Records for this exercise
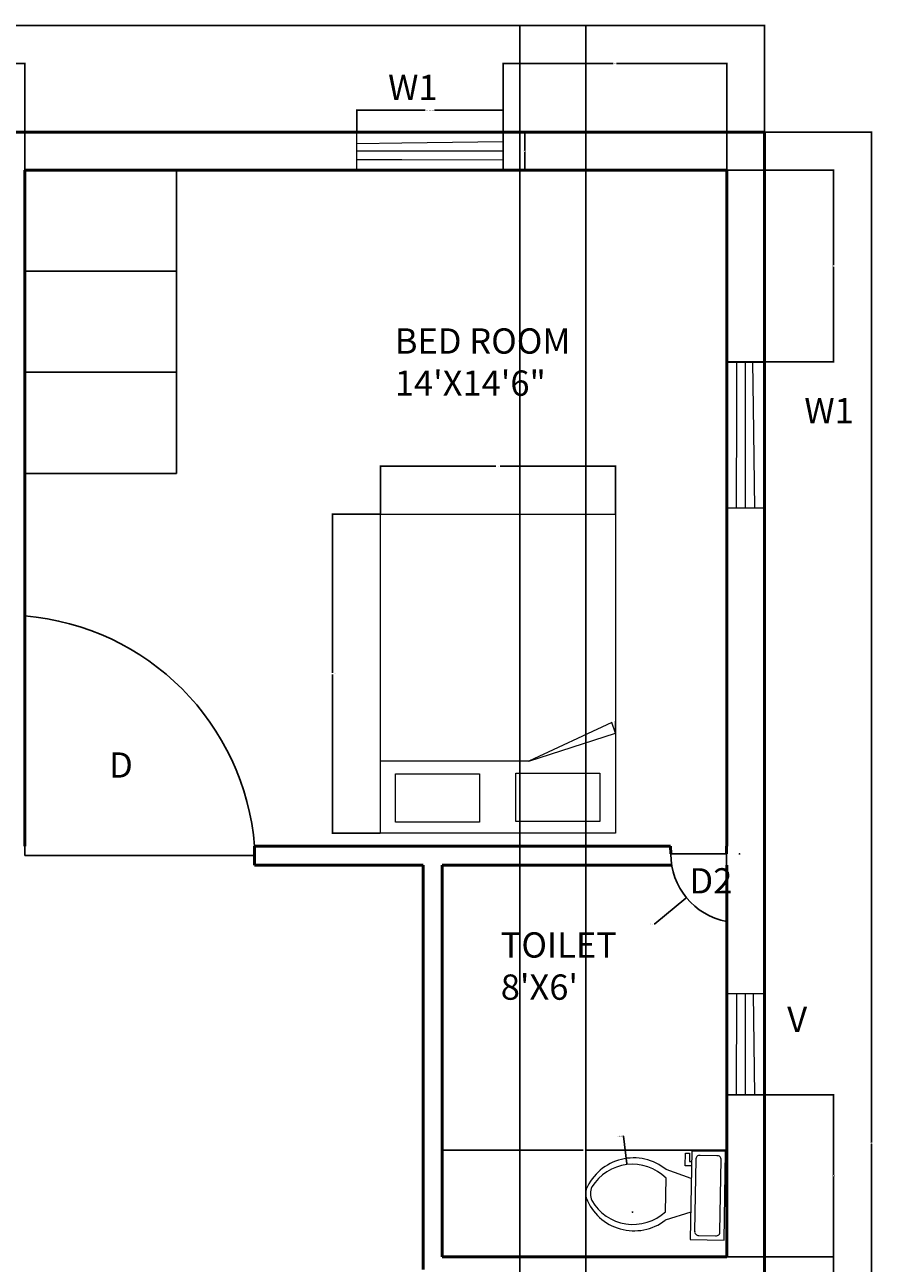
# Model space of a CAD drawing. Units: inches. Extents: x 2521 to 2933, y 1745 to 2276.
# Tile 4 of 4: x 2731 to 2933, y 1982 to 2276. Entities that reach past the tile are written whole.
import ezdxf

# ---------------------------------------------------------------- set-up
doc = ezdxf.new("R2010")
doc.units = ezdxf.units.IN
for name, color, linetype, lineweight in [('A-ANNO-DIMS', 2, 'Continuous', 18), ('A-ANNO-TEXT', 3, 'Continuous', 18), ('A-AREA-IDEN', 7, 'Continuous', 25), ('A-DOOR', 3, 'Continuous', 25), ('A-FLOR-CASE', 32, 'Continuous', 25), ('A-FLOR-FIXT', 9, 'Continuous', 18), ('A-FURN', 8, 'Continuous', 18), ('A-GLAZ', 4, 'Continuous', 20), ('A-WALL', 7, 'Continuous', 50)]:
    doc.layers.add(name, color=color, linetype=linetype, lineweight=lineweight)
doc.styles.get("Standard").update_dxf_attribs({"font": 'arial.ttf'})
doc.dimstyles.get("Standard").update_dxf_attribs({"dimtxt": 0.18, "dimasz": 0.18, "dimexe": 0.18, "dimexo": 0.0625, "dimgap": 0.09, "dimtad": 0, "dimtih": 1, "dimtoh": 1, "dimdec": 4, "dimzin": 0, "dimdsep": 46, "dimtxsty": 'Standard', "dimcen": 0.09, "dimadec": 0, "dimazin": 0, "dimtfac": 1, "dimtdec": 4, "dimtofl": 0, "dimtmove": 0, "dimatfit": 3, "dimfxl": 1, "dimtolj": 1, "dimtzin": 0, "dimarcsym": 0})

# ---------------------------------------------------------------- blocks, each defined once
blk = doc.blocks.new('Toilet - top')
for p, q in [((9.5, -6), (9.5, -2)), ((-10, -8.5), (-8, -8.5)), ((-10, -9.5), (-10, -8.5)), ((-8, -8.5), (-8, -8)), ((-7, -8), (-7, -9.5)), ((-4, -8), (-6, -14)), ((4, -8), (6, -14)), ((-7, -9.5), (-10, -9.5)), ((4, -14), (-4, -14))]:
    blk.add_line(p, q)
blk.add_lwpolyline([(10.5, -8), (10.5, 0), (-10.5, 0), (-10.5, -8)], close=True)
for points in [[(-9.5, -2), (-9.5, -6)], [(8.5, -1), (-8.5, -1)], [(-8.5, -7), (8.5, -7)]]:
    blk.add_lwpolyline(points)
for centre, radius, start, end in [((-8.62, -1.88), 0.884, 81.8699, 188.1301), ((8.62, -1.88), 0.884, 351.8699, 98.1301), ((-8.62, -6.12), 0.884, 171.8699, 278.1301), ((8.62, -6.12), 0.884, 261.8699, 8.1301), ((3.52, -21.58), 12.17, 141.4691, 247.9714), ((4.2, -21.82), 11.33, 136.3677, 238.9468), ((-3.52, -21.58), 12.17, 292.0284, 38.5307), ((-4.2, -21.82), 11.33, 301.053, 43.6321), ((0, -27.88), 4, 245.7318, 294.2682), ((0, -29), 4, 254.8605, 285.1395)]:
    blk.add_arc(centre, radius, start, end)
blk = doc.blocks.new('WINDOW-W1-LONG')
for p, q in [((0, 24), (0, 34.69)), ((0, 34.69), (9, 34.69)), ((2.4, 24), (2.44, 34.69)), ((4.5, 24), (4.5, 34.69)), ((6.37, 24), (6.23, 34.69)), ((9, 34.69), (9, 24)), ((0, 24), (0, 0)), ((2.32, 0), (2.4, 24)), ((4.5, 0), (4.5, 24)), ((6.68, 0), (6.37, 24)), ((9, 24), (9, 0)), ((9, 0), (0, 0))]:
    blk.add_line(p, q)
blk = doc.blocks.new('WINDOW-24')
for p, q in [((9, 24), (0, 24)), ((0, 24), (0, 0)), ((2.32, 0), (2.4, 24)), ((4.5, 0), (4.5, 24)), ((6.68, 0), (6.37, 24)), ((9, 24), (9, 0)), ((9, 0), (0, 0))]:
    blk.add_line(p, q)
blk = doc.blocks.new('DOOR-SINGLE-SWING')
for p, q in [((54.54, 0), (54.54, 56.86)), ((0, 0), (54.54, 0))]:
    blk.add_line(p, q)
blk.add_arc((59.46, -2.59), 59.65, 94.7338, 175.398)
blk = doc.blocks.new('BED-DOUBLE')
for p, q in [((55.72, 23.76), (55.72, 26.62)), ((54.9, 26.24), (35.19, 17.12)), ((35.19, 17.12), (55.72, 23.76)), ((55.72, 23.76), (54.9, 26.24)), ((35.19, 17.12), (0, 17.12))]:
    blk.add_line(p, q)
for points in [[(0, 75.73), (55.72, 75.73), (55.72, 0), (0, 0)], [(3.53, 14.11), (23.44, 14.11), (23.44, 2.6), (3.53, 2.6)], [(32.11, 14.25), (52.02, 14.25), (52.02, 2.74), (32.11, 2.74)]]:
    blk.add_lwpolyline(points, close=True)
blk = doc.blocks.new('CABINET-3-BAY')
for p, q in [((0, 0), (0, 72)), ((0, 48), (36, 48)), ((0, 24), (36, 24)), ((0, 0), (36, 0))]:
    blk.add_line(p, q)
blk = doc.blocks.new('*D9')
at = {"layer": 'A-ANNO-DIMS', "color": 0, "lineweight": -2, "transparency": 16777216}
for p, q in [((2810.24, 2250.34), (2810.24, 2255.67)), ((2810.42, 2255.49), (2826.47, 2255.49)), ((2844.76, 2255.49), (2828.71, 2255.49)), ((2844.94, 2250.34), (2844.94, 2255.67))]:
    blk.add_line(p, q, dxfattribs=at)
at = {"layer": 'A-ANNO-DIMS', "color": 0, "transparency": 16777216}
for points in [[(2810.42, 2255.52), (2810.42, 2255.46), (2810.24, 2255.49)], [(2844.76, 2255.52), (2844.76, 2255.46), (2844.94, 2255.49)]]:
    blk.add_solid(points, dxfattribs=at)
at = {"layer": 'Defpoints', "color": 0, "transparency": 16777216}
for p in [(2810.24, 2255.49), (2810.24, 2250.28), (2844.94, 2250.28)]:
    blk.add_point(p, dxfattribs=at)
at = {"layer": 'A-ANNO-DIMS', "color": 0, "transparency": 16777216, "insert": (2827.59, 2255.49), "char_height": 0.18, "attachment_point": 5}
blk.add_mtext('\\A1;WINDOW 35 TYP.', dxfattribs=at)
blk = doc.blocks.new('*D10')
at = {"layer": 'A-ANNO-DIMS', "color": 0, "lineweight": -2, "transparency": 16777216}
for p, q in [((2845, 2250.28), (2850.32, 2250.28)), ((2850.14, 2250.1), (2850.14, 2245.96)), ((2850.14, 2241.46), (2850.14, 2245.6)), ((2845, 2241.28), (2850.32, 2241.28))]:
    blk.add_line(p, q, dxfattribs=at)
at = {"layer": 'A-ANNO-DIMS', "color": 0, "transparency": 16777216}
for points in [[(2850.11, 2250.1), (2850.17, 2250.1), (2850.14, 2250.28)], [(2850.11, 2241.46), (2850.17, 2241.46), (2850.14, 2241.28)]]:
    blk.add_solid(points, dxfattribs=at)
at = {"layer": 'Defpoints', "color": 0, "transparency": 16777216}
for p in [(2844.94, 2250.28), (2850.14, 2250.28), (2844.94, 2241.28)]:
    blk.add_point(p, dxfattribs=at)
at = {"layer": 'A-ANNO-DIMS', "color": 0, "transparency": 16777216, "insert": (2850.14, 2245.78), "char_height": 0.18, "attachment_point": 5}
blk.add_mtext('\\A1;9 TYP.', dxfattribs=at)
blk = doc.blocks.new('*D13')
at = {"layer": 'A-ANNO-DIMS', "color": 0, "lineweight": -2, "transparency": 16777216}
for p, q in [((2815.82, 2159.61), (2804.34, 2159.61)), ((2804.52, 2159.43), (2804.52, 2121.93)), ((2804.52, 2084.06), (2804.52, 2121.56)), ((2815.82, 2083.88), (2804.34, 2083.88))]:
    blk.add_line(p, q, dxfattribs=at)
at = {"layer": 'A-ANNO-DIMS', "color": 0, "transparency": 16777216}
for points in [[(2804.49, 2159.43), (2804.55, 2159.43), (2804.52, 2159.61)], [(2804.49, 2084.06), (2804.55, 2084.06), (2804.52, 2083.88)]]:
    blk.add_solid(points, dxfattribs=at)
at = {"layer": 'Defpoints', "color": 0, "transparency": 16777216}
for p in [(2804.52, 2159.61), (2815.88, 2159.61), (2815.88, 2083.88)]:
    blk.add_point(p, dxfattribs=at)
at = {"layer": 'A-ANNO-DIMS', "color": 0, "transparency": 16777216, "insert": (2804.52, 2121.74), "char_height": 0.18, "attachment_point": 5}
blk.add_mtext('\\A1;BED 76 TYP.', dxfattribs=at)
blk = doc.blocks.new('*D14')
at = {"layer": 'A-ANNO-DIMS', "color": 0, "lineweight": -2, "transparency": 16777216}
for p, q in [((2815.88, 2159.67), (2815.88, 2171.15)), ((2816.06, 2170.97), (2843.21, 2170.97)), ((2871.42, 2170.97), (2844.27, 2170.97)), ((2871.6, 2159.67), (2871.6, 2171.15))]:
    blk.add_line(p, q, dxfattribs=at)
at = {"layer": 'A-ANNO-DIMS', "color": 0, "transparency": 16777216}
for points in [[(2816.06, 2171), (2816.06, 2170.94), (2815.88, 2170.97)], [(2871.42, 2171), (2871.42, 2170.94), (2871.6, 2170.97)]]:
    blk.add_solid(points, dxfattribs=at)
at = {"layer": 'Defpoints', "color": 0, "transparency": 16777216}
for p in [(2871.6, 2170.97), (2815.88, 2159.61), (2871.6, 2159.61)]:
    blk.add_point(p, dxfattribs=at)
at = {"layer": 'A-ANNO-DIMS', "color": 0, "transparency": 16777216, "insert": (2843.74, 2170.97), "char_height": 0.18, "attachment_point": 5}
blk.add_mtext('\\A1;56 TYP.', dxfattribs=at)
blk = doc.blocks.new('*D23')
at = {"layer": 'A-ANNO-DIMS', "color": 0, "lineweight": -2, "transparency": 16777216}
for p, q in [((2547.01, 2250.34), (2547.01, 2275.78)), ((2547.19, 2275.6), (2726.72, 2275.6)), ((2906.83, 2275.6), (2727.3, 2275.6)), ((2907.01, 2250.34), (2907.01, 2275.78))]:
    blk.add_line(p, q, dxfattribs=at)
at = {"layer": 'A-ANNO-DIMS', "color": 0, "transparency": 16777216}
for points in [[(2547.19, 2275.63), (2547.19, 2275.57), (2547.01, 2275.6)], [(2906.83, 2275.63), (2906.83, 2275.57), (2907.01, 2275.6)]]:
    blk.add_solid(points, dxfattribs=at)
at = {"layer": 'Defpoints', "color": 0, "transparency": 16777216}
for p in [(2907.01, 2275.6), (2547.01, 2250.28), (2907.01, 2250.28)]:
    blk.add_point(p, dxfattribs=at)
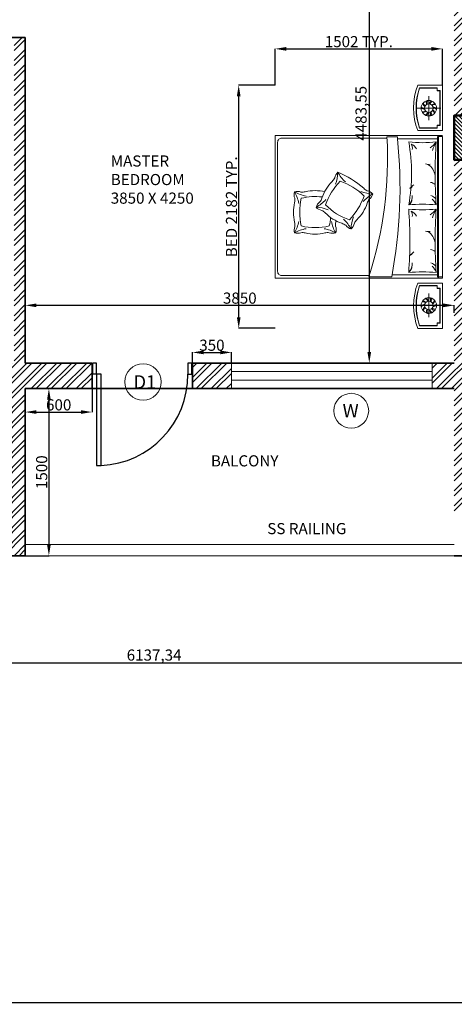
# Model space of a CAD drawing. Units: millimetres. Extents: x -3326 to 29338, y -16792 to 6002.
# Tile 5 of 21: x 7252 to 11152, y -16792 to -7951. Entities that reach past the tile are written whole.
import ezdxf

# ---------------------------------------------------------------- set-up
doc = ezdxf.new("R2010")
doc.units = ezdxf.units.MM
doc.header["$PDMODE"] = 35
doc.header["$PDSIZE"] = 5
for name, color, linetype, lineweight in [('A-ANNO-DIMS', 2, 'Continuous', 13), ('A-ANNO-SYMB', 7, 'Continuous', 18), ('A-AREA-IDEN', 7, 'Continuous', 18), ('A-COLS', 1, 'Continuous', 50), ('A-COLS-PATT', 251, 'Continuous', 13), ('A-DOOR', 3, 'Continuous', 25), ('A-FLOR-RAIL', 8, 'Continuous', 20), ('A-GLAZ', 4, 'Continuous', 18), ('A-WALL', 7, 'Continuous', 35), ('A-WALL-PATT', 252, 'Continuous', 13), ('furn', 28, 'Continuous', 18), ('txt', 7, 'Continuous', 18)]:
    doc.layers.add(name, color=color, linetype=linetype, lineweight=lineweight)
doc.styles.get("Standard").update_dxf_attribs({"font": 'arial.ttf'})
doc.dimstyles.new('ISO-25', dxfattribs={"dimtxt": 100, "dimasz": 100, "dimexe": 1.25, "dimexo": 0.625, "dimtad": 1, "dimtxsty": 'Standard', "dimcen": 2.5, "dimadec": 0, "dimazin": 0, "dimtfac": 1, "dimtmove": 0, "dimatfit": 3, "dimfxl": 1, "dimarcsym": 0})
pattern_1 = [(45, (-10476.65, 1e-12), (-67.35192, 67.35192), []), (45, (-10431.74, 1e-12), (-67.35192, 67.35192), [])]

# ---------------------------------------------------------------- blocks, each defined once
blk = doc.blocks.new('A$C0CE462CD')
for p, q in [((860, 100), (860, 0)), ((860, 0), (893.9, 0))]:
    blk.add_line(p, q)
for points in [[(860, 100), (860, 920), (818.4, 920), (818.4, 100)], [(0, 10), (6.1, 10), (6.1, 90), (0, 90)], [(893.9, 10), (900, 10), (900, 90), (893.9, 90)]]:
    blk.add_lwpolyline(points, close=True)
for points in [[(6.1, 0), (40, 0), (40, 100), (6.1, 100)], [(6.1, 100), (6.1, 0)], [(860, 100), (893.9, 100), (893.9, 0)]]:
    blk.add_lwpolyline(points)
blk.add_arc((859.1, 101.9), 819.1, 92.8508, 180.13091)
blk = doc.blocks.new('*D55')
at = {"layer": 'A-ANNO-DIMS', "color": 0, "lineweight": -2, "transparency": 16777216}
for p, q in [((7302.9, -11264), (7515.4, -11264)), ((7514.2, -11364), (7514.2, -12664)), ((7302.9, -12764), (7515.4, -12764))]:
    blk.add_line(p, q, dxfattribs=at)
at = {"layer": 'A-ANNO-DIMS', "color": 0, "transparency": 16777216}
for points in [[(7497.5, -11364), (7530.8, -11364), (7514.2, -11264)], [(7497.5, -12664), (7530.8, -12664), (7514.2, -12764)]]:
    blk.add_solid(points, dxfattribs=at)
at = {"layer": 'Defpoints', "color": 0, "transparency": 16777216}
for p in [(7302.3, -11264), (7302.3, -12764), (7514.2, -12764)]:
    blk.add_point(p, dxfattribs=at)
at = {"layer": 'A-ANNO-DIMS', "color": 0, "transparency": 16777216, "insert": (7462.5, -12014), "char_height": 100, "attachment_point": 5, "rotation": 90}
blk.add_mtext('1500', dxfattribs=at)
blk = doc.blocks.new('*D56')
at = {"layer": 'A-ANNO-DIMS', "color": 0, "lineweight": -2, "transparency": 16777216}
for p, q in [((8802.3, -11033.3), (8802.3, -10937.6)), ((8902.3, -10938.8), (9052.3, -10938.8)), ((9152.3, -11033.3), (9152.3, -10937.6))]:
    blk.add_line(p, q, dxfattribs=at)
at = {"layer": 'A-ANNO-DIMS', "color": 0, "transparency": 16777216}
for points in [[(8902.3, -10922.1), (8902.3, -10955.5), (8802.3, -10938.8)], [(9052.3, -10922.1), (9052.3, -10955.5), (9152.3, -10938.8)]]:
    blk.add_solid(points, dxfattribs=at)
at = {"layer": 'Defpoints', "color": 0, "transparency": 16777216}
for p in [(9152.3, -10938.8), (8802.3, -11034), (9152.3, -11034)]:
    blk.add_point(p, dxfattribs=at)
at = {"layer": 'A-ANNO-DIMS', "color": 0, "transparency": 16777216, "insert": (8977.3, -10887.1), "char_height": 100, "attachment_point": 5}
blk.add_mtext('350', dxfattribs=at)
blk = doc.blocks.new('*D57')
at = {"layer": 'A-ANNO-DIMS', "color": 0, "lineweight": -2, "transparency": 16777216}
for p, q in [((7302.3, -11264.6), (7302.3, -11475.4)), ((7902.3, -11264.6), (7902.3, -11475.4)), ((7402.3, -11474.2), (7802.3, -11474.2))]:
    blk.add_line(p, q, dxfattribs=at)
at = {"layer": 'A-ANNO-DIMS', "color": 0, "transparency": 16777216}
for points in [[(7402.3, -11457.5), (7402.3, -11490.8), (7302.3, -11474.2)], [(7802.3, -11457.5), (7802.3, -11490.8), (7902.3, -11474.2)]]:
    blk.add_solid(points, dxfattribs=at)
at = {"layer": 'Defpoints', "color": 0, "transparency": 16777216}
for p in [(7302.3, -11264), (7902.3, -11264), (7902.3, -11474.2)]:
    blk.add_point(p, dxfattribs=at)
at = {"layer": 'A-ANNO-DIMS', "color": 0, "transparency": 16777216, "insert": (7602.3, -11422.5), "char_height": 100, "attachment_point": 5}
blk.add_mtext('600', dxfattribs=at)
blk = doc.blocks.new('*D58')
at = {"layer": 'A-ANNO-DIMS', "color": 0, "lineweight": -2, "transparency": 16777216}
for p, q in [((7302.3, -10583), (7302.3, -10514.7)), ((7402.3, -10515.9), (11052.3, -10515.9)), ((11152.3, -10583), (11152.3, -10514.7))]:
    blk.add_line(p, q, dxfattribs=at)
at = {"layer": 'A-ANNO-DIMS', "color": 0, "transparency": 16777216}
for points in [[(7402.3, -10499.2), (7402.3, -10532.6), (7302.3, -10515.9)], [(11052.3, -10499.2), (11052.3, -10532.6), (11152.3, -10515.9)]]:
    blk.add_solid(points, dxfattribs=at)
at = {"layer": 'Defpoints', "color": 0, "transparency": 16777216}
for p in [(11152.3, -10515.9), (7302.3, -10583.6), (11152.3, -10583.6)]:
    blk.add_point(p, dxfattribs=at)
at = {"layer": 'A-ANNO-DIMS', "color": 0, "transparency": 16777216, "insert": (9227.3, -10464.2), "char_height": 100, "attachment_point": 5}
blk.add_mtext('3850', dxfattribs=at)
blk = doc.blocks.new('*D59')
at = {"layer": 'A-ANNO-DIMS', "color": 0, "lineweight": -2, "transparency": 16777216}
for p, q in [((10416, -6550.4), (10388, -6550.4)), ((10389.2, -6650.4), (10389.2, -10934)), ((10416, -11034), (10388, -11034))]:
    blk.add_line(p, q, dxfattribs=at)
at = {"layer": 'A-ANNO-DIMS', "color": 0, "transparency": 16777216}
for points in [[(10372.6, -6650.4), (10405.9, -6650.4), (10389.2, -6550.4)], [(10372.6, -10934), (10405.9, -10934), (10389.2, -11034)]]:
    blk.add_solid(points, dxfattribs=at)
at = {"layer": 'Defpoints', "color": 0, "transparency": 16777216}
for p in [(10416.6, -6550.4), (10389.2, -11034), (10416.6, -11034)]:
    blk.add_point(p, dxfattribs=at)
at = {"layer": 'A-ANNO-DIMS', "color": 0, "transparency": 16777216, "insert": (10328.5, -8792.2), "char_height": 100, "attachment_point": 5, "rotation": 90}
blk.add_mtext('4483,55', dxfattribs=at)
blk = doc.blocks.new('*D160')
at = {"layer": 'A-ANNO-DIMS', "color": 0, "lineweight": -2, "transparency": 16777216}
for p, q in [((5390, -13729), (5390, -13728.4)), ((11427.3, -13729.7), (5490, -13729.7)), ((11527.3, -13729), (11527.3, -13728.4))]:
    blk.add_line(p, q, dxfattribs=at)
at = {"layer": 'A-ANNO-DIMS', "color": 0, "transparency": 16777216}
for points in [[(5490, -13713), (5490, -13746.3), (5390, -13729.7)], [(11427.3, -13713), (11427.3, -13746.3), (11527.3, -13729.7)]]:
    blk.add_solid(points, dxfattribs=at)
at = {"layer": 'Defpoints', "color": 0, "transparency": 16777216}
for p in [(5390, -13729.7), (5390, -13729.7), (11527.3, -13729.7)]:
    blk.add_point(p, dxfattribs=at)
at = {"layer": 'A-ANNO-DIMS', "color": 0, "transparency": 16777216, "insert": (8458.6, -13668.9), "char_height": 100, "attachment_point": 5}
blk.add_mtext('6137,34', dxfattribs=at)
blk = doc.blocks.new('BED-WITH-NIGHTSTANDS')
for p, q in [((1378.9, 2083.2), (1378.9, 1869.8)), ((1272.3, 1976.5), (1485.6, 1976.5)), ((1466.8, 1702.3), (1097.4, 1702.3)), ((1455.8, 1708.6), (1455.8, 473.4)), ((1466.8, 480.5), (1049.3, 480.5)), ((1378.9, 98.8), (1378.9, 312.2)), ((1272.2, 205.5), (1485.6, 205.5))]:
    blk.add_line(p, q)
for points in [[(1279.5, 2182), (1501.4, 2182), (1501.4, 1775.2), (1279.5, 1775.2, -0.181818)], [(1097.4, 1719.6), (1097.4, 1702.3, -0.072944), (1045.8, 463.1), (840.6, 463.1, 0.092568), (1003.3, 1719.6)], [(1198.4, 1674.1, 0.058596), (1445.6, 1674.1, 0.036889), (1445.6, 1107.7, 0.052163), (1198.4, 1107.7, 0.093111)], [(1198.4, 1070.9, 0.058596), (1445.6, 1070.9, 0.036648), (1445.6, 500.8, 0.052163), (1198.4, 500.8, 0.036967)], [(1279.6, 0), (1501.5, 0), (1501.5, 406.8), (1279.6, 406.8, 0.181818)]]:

Exercise directions
Wherever the string "DOOR" turns up in the material, copy the whole line.

Task result
for name, color, linetype, lineweight in [('A-ANNO-DIMS', 2, 'Continuous', 18), ('A-ANNO-TEXT', 3, 'Continuous', 18), ('A-AREA-IDEN', 7, 'Continuous', 25), ('A-DOOR', 3, 'Continuous', 25), ('A-FLOR-CASE', 32, 'Continuous', 25), ('A-FLOR-FIXT', 9, 'Continuous', 18), ('A-FURN', 8, 'Continuous', 18), ('A-GLAZ', 4, 'Continuous', 20), ('A-WALL', 7, 'Continuous', 50)]:
blk = doc.blocks.new('DOOR-SINGLE-SWING')
for name, color, linetype, lineweight in [('A-ANNO-DIMS', 2, 'Continuous', 13), ('A-ANNO-SYMB', 7, 'Continuous', 18), ('A-AREA-IDEN', 7, 'Continuous', 18), ('A-COLS', 1, 'Continuous', 50), ('A-COLS-PATT', 251, 'Continuous', 13), ('A-DOOR', 3, 'Continuous', 25), ('A-FLOR-RAIL', 8, 'Continuous', 20), ('A-GLAZ', 4, 'Continuous', 18), ('A-WALL', 7, 'Continuous', 35), ('A-WALL-PATT', 252, 'Continuous', 13), ('furn', 28, 'Continuous', 18), ('txt', 7, 'Continuous', 18)]:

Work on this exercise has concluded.